(Stored data)
--------

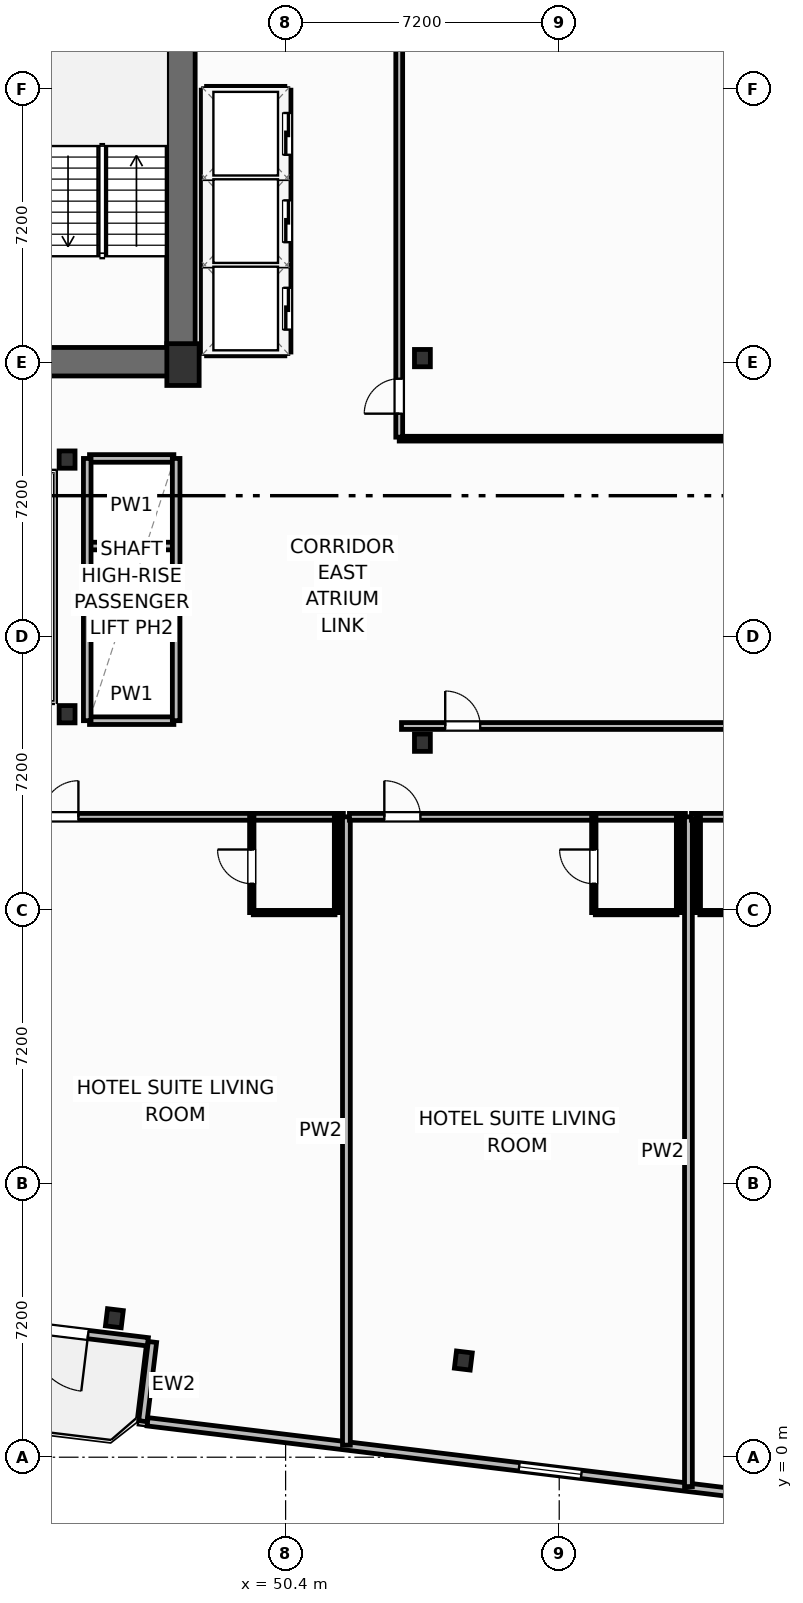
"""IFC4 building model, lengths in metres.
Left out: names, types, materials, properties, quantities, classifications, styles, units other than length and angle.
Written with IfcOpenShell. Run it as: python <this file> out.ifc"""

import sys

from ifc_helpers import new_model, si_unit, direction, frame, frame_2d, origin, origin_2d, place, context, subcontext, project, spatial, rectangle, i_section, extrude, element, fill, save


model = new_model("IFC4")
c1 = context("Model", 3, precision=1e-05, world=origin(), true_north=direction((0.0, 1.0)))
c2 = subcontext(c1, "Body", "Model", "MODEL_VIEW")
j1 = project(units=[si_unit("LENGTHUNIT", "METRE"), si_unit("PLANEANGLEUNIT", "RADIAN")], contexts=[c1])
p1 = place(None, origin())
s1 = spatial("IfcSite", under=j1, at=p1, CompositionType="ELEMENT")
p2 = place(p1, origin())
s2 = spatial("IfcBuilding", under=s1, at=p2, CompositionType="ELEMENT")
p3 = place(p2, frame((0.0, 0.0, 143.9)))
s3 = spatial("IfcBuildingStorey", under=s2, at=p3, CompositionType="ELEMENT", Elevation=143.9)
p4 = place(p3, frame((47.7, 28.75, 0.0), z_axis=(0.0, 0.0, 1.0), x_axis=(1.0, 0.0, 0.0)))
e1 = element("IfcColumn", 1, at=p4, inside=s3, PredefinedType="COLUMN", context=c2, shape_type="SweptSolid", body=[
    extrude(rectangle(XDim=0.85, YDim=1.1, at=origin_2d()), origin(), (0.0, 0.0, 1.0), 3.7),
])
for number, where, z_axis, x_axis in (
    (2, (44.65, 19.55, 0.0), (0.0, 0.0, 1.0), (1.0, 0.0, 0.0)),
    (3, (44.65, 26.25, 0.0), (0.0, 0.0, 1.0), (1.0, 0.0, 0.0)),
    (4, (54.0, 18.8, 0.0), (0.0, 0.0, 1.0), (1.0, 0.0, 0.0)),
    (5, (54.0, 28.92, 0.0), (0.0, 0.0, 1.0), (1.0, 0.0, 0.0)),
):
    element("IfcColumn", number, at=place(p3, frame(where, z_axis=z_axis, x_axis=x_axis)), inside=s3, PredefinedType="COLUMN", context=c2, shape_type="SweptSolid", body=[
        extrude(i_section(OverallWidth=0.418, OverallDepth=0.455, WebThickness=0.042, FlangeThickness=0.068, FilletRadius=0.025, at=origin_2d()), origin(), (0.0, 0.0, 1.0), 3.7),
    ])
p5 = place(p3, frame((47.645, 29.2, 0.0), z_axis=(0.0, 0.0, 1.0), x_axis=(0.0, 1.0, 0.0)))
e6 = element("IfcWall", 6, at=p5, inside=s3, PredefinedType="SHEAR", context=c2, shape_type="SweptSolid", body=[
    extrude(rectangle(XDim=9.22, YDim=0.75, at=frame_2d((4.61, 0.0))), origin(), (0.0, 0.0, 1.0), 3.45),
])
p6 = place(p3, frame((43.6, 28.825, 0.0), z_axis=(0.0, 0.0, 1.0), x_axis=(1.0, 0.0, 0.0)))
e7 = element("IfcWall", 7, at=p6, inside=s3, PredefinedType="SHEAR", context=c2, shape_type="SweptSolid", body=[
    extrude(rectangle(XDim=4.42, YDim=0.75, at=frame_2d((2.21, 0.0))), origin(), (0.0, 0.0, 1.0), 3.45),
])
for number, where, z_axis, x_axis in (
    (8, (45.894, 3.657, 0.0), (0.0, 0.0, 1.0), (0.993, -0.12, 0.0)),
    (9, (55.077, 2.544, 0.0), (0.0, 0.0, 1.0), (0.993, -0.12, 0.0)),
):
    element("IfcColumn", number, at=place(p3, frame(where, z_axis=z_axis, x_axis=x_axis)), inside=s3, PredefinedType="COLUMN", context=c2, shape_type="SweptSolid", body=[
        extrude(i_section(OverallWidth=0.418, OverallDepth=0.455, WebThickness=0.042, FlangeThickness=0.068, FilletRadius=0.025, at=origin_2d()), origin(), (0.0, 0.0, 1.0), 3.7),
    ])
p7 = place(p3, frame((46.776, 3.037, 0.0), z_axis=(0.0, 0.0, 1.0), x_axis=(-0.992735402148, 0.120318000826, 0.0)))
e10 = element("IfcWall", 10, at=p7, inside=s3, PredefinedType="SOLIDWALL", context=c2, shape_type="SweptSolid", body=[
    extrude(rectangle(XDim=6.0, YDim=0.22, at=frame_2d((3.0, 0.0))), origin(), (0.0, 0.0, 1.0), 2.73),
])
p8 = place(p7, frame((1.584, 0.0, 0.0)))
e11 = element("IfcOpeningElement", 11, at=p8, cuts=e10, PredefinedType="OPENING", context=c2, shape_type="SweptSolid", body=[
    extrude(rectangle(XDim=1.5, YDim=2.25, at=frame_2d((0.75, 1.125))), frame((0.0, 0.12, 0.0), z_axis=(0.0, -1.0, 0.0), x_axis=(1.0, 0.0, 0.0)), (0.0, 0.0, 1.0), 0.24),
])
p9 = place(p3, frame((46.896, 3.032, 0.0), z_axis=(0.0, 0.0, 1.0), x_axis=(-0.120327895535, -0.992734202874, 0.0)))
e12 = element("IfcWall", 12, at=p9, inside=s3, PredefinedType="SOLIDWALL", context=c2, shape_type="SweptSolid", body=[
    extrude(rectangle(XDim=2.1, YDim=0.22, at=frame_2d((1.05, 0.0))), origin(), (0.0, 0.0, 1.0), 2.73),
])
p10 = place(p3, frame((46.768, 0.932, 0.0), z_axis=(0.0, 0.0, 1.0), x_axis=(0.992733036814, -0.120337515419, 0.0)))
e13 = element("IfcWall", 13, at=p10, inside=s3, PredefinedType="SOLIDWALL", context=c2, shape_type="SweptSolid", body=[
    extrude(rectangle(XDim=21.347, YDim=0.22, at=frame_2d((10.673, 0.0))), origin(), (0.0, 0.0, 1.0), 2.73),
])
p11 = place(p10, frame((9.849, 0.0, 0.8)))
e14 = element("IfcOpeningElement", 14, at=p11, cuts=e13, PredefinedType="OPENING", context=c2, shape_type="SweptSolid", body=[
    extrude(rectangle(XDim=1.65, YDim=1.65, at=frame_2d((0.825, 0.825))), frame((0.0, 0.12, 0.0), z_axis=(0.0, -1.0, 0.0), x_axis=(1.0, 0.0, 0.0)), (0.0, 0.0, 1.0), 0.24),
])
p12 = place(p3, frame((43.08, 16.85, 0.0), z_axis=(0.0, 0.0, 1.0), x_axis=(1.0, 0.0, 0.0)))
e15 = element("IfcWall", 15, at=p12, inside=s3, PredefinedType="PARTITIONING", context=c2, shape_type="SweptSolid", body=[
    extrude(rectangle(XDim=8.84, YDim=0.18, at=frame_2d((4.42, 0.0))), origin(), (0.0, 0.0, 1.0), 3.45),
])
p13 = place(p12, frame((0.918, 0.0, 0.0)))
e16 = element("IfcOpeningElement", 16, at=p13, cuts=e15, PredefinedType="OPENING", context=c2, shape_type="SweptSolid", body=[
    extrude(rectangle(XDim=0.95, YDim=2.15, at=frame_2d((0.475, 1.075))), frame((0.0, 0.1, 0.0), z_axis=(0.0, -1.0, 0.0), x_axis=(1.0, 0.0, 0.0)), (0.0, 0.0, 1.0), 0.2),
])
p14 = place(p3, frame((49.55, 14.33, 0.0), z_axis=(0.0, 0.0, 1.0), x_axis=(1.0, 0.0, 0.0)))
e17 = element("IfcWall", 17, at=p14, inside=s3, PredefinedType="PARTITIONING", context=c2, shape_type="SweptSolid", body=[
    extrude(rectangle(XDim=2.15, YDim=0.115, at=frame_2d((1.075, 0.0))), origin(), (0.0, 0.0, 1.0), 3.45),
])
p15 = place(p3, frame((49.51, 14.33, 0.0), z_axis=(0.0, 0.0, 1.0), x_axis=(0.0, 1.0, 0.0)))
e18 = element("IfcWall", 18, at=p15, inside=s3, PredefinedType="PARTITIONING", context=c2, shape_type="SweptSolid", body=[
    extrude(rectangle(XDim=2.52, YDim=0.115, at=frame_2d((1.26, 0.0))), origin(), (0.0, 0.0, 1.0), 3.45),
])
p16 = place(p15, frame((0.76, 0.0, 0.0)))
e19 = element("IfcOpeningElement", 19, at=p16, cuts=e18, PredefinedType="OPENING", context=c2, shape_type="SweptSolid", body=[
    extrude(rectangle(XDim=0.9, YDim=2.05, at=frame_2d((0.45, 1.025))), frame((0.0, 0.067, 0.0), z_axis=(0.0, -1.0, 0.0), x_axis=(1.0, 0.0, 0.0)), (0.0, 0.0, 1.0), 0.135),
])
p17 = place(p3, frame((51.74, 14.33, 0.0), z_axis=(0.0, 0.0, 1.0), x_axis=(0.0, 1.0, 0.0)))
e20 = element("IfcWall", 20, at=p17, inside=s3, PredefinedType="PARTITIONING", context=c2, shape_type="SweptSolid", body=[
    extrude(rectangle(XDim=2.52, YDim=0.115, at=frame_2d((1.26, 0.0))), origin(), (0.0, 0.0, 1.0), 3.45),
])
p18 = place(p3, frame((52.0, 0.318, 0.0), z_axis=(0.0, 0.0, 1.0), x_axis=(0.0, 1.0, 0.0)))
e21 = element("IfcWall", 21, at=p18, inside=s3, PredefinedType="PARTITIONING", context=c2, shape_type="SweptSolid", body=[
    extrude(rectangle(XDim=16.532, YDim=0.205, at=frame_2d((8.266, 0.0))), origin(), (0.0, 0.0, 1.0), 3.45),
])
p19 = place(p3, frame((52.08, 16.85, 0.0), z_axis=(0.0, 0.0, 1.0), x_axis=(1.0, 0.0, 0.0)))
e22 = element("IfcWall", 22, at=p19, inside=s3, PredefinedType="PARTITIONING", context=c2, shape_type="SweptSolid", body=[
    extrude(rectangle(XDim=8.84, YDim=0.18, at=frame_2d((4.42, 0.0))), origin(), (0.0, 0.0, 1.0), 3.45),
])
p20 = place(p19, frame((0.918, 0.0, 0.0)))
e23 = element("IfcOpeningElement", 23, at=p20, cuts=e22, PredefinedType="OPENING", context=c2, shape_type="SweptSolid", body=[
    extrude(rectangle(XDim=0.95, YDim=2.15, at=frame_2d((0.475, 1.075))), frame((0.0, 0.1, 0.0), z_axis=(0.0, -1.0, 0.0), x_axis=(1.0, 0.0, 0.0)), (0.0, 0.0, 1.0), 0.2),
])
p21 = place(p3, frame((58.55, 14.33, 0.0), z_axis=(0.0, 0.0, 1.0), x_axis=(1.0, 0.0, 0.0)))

--------

Search the data for the word "CompositionType" and copy each line where it appears.

▶ _Written response_
s1 = spatial("IfcSite", under=j1, at=p1, CompositionType="ELEMENT")
s2 = spatial("IfcBuilding", under=s1, at=p2, CompositionType="ELEMENT")
s3 = spatial("IfcBuildingStorey", under=s2, at=p3, CompositionType="ELEMENT", Elevation=143.9)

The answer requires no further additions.